■ **Given records**:
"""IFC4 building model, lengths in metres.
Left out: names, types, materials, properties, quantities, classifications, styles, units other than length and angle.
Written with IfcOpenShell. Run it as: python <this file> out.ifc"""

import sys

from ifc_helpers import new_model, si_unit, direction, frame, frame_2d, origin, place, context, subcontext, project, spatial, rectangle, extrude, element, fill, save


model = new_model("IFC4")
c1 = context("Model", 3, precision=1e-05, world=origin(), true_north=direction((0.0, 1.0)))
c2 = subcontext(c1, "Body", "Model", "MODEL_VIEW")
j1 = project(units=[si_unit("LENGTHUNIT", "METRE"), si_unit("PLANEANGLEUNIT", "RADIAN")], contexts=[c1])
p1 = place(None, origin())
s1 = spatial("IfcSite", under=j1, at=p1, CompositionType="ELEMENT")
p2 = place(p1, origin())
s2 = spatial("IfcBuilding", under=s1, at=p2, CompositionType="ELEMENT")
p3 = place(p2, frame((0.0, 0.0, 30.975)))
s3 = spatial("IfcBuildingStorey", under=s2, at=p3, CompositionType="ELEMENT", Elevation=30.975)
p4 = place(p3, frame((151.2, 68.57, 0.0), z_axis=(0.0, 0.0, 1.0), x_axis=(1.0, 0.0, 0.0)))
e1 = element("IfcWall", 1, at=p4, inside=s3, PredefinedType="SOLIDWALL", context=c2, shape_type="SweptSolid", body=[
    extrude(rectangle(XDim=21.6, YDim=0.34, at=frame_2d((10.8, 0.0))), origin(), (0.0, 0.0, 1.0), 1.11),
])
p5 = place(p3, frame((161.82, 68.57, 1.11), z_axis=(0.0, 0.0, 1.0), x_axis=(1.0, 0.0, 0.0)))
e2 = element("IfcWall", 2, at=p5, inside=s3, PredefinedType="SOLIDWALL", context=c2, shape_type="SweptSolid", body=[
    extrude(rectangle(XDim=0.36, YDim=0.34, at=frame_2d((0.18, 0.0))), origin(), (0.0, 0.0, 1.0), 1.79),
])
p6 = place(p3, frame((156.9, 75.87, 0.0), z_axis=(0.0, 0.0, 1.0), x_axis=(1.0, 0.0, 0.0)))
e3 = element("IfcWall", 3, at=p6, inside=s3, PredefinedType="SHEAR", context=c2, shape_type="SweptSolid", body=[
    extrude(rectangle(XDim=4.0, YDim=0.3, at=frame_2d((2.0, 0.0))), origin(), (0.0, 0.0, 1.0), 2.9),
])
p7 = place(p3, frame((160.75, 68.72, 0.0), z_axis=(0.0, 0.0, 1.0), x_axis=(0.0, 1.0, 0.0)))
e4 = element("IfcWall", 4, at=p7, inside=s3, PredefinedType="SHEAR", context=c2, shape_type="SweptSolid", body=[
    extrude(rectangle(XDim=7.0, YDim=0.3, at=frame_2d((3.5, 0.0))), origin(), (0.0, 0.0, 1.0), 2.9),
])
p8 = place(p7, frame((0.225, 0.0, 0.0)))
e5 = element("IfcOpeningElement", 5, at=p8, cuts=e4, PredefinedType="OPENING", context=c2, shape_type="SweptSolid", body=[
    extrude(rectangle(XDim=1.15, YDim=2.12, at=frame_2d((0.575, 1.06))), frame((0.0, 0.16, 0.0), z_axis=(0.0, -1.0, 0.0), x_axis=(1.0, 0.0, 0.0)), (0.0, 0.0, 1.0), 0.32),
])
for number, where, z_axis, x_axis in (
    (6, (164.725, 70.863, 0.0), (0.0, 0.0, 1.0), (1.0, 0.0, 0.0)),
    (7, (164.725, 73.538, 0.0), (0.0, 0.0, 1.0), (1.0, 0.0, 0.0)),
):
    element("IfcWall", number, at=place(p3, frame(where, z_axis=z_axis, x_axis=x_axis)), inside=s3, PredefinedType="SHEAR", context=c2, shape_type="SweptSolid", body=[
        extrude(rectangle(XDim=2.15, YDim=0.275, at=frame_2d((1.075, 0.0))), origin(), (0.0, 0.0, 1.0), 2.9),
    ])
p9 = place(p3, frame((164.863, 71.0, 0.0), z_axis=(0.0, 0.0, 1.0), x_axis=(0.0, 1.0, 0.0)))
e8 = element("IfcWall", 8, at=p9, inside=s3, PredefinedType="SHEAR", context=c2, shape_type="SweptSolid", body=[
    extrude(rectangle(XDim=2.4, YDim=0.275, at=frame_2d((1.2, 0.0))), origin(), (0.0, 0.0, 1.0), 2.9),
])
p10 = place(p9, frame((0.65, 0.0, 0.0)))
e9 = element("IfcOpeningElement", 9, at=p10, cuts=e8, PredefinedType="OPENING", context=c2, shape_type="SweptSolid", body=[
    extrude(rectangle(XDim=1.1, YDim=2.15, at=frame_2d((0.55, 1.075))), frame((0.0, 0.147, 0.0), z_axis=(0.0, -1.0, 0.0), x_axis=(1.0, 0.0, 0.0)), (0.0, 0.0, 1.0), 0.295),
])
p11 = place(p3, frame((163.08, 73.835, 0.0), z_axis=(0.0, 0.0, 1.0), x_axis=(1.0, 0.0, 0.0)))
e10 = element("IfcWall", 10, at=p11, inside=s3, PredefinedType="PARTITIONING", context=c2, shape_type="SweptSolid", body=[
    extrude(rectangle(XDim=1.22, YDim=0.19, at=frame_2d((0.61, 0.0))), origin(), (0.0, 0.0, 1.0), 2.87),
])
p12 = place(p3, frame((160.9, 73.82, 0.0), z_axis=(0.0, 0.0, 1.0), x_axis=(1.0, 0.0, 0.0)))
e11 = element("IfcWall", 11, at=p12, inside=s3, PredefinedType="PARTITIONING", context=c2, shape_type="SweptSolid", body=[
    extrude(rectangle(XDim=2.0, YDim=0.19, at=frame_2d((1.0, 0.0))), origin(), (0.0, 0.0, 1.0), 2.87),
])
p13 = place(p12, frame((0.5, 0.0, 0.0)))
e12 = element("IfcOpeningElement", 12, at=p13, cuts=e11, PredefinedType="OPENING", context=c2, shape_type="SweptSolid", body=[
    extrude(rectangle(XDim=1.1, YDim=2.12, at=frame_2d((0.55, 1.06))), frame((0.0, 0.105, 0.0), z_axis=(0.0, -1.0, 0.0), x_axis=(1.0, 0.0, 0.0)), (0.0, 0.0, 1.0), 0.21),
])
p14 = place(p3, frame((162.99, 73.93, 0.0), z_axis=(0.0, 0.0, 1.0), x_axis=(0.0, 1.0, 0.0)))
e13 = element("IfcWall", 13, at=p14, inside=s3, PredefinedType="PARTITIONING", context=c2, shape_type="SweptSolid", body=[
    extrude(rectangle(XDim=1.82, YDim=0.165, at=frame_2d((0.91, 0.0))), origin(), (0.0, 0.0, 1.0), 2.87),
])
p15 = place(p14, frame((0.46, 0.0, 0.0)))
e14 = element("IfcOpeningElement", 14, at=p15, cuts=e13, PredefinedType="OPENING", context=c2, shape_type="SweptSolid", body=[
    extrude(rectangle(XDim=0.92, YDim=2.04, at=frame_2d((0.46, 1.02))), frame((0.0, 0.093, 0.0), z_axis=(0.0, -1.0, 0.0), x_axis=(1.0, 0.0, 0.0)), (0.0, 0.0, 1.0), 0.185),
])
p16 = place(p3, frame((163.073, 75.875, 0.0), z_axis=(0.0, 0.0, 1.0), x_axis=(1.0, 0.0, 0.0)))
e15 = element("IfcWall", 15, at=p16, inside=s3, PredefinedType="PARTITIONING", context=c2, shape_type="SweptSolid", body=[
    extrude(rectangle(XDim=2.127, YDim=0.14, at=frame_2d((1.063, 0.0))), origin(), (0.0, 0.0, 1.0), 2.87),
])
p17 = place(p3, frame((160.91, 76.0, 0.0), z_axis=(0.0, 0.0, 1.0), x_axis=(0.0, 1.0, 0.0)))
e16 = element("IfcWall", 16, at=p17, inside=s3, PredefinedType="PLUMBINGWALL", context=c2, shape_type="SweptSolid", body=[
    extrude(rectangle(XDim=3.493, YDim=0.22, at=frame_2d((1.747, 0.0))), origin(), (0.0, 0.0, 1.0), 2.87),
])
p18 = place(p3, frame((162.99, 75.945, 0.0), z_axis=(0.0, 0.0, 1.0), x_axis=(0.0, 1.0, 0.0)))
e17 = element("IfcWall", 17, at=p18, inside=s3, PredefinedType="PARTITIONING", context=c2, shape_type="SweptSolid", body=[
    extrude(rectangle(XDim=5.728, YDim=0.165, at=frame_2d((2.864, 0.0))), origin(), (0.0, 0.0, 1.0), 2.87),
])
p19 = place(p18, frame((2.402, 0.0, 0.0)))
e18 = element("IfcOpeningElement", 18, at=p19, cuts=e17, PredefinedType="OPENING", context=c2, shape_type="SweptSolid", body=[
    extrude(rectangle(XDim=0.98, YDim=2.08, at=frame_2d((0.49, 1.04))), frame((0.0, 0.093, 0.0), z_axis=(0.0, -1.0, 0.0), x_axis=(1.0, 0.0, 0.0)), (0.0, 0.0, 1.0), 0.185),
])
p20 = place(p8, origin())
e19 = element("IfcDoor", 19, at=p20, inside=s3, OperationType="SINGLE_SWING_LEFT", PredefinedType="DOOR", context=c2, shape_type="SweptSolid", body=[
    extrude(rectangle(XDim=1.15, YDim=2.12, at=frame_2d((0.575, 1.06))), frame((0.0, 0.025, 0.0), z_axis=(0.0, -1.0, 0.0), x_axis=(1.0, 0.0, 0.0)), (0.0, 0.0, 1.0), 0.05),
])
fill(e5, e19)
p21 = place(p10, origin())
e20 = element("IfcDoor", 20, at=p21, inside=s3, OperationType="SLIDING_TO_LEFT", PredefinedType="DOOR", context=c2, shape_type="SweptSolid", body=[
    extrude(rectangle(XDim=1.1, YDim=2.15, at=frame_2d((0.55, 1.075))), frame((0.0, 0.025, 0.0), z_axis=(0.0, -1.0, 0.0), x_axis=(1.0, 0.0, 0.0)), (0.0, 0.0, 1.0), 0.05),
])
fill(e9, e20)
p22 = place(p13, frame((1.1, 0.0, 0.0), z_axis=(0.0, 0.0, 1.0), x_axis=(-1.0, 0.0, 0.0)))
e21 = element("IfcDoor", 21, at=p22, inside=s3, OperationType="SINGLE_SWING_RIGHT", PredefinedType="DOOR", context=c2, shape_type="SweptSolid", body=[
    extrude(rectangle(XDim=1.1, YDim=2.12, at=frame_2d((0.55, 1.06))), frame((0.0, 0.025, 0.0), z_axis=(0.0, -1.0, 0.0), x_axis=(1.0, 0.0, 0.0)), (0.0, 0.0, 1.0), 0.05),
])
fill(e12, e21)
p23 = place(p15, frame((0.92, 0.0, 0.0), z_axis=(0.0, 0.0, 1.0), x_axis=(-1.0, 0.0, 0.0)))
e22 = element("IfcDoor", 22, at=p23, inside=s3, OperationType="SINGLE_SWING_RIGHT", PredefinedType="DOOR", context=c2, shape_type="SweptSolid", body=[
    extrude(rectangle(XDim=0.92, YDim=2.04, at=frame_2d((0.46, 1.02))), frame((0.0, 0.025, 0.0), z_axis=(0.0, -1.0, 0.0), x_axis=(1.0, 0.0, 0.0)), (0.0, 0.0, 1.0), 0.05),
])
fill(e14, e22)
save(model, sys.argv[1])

■ **Work to be completed**:
The answer must be every line of the records that holds the string "CompositionType".

■ **Written solution**:
s1 = spatial("IfcSite", under=j1, at=p1, CompositionType="ELEMENT")
s2 = spatial("IfcBuilding", under=s1, at=p2, CompositionType="ELEMENT")
s3 = spatial("IfcBuildingStorey", under=s2, at=p3, CompositionType="ELEMENT", Elevation=30.975)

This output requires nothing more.